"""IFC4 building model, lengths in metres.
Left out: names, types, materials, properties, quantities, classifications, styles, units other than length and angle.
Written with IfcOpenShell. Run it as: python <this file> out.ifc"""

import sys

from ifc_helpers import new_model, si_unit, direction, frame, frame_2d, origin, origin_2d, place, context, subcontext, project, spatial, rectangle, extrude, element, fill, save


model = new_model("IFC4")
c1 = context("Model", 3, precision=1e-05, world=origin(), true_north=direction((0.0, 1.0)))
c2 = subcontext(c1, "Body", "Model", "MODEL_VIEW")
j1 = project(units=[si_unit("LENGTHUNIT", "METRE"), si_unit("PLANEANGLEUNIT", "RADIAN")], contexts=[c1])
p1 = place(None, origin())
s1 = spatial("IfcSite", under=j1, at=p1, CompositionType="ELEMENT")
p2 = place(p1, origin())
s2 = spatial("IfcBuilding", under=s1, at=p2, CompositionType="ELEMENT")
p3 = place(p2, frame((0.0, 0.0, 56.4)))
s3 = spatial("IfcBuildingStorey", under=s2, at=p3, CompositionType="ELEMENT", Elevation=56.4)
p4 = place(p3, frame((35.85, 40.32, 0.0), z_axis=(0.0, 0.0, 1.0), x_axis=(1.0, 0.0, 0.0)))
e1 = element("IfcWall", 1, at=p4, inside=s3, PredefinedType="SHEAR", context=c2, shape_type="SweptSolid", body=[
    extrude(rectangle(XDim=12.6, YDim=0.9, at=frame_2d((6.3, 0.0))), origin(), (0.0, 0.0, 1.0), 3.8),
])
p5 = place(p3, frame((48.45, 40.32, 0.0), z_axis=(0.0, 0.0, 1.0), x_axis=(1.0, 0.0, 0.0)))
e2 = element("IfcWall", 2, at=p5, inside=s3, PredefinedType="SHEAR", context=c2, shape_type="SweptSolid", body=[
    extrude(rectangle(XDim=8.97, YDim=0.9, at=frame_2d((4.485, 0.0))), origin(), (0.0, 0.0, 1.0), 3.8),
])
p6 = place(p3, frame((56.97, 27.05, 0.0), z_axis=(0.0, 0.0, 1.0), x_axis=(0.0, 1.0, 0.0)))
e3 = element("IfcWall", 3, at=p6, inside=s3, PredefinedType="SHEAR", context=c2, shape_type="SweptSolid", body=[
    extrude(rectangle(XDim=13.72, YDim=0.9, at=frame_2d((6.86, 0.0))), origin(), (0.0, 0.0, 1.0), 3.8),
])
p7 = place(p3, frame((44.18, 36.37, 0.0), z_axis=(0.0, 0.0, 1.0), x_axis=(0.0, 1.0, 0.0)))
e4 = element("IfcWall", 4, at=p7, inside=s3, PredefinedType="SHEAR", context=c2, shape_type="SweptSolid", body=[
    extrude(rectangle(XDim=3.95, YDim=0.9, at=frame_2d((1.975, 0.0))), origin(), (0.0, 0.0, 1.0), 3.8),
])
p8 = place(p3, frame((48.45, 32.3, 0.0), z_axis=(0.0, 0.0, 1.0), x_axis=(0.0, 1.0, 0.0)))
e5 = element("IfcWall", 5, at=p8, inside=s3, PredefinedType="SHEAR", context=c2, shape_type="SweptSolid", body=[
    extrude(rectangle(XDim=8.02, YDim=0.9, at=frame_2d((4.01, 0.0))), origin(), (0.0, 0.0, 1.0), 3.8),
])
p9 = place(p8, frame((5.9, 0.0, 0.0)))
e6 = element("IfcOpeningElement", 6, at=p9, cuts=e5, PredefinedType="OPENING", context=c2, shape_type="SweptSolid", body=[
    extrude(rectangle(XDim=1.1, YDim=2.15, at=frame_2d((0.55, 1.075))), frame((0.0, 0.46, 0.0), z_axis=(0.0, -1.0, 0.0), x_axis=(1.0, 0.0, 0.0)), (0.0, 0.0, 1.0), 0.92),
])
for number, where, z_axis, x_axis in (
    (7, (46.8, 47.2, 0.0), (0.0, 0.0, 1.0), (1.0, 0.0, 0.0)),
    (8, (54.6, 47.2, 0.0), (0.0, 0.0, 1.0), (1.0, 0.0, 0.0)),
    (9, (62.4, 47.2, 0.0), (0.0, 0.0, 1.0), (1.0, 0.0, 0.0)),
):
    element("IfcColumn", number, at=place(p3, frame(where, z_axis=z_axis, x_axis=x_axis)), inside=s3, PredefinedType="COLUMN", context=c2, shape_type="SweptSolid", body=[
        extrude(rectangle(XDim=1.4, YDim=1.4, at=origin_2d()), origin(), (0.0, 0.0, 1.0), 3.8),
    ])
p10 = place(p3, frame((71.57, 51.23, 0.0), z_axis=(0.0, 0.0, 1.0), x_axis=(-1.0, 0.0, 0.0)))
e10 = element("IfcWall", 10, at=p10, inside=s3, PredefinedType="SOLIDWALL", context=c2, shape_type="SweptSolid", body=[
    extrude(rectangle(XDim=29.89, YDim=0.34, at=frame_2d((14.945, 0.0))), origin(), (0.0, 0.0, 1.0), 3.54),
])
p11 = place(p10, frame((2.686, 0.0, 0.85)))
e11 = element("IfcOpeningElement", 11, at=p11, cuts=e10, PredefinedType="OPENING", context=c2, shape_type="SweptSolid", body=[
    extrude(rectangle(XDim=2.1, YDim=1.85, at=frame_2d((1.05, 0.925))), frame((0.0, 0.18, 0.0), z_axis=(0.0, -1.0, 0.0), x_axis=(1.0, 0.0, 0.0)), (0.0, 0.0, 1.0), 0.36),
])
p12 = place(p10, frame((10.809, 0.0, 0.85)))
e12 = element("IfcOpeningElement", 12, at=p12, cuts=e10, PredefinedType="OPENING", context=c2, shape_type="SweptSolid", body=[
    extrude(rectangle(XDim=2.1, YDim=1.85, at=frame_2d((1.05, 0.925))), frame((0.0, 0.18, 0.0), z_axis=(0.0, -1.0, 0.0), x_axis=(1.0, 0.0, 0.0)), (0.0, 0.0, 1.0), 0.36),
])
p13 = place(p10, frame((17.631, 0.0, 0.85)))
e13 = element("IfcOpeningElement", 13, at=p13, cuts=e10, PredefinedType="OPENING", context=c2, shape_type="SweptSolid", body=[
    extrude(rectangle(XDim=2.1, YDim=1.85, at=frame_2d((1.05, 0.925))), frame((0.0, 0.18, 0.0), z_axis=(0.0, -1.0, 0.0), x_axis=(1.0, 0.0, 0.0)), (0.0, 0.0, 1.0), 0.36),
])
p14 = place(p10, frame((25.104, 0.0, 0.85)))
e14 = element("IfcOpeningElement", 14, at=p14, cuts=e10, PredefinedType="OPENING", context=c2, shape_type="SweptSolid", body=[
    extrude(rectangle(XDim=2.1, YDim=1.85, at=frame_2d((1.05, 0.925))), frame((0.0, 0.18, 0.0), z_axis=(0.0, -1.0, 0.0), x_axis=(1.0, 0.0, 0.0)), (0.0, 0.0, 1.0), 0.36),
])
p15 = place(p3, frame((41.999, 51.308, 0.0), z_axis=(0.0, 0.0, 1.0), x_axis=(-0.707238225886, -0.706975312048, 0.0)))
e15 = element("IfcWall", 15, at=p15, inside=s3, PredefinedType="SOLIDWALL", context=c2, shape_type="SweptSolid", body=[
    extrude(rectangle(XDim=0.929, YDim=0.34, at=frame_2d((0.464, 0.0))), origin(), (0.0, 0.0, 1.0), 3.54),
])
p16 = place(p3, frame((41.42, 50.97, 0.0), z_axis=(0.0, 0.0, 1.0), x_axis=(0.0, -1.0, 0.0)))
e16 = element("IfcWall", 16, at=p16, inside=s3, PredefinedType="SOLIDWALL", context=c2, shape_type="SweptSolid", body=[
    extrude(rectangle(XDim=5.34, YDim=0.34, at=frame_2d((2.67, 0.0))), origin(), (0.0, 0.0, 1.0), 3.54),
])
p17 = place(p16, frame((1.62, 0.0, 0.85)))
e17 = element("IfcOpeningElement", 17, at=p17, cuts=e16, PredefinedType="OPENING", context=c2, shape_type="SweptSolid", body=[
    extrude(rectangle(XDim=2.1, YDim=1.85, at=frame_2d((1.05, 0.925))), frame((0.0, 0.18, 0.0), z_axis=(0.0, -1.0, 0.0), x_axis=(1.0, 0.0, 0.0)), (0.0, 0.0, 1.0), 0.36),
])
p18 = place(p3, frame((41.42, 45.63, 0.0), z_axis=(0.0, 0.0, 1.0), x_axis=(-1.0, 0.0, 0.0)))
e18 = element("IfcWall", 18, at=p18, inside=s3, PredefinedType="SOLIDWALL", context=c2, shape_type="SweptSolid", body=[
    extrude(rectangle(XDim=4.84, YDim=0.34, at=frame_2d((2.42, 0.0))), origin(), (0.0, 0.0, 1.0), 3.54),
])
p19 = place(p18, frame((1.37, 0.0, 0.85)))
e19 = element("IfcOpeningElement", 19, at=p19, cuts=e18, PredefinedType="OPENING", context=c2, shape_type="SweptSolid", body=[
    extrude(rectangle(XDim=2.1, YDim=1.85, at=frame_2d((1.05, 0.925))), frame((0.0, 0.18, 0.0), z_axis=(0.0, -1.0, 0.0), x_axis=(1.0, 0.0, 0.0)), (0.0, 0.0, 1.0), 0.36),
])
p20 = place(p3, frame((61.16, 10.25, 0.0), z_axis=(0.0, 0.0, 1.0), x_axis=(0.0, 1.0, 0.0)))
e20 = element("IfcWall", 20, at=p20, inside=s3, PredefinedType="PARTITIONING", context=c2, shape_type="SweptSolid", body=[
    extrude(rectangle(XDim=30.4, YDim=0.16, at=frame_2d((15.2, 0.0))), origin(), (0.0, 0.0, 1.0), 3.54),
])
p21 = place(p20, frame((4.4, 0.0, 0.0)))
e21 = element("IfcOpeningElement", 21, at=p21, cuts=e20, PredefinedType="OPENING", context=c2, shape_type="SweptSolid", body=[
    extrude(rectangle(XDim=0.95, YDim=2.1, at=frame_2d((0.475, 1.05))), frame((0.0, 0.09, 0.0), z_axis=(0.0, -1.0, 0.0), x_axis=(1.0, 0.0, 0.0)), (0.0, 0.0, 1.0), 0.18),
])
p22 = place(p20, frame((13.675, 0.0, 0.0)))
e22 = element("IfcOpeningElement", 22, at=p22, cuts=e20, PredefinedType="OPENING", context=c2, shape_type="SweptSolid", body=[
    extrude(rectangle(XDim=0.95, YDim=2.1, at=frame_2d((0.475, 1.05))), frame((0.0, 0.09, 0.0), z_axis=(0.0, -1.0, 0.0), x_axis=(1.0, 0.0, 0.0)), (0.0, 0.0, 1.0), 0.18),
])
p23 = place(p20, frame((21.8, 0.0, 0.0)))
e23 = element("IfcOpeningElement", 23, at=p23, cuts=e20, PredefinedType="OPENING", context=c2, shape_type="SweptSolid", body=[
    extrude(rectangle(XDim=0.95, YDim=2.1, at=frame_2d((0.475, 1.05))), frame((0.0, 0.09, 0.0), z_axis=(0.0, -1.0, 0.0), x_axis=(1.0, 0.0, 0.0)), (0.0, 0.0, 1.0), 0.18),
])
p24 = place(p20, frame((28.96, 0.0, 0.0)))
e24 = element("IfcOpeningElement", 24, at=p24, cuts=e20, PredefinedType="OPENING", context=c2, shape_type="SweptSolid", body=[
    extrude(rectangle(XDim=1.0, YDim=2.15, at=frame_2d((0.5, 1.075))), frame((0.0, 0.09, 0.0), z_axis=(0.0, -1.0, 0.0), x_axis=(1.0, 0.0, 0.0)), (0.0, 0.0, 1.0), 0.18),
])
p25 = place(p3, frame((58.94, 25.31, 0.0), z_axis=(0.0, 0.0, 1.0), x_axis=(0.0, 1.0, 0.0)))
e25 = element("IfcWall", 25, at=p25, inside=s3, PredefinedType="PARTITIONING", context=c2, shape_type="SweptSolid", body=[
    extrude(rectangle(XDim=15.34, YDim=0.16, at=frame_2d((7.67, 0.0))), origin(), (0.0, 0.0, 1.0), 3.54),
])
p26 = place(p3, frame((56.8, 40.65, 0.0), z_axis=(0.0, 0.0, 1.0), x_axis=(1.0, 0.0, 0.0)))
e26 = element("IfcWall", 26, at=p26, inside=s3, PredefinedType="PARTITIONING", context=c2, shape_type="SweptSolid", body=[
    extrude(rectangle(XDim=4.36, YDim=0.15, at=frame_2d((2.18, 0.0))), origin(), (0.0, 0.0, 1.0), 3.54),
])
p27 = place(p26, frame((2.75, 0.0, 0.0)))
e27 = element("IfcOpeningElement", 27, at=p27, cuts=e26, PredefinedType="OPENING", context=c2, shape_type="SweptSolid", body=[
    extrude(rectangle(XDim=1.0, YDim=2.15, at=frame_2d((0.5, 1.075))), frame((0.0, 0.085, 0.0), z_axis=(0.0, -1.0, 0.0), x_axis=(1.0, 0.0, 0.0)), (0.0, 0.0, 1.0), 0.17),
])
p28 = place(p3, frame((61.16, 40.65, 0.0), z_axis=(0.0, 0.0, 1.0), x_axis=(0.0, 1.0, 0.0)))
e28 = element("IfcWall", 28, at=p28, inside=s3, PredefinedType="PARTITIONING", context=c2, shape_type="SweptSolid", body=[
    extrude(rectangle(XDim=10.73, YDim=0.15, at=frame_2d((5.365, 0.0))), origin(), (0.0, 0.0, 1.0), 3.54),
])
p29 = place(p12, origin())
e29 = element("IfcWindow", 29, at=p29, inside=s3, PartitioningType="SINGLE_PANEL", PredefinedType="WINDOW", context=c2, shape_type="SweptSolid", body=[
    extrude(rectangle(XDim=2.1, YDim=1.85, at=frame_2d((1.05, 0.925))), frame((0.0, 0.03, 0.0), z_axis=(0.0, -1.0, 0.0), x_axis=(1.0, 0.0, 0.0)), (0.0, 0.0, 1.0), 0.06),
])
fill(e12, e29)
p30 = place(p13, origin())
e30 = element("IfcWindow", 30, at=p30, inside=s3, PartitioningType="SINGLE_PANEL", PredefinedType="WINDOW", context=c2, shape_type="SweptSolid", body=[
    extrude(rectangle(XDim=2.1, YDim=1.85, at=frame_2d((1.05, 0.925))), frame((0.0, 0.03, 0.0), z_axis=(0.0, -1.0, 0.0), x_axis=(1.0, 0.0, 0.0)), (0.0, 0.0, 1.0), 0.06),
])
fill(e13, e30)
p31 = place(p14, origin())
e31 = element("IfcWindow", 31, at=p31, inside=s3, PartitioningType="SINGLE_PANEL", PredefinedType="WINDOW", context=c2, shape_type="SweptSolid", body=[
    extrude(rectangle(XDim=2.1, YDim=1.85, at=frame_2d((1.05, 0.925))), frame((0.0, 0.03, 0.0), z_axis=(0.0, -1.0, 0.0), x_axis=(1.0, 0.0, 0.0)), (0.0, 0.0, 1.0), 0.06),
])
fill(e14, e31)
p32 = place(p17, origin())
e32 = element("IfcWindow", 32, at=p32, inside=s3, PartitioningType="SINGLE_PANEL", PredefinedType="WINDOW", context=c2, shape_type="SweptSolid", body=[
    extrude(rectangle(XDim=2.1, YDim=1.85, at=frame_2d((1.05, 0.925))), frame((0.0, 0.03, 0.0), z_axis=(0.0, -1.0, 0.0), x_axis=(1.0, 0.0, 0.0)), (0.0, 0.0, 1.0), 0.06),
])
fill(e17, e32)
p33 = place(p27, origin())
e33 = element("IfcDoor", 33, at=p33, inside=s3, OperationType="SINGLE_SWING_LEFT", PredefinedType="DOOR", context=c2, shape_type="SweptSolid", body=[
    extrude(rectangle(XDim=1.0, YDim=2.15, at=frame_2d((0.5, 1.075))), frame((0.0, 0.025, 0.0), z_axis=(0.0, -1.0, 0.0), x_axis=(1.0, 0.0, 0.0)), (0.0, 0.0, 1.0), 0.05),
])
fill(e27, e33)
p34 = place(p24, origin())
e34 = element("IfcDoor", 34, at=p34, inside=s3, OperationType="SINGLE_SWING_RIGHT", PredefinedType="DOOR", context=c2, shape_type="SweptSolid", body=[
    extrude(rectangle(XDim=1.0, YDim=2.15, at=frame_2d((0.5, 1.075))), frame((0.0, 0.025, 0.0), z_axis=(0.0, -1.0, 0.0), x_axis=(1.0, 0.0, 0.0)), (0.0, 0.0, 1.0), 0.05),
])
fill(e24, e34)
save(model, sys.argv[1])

WORK INSTRUCTION => Copy out each line of the data above, exactly, if it lies between the line holding "for number, where, z_axis, x_axis" and the line holding "51.23, 0.0), z_axis=(0.0, 0.0, 1.0), x_axis=(-1.0, 0.0, 0.0)))", inclusive; copy no other line.

WRITTEN ANSWER =>
for number, where, z_axis, x_axis in (
    (7, (46.8, 47.2, 0.0), (0.0, 0.0, 1.0), (1.0, 0.0, 0.0)),
    (8, (54.6, 47.2, 0.0), (0.0, 0.0, 1.0), (1.0, 0.0, 0.0)),
    (9, (62.4, 47.2, 0.0), (0.0, 0.0, 1.0), (1.0, 0.0, 0.0)),
):
    element("IfcColumn", number, at=place(p3, frame(where, z_axis=z_axis, x_axis=x_axis)), inside=s3, PredefinedType="COLUMN", context=c2, shape_type="SweptSolid", body=[
        extrude(rectangle(XDim=1.4, YDim=1.4, at=origin_2d()), origin(), (0.0, 0.0, 1.0), 3.8),
    ])
p10 = place(p3, frame((71.57, 51.23, 0.0), z_axis=(0.0, 0.0, 1.0), x_axis=(-1.0, 0.0, 0.0)))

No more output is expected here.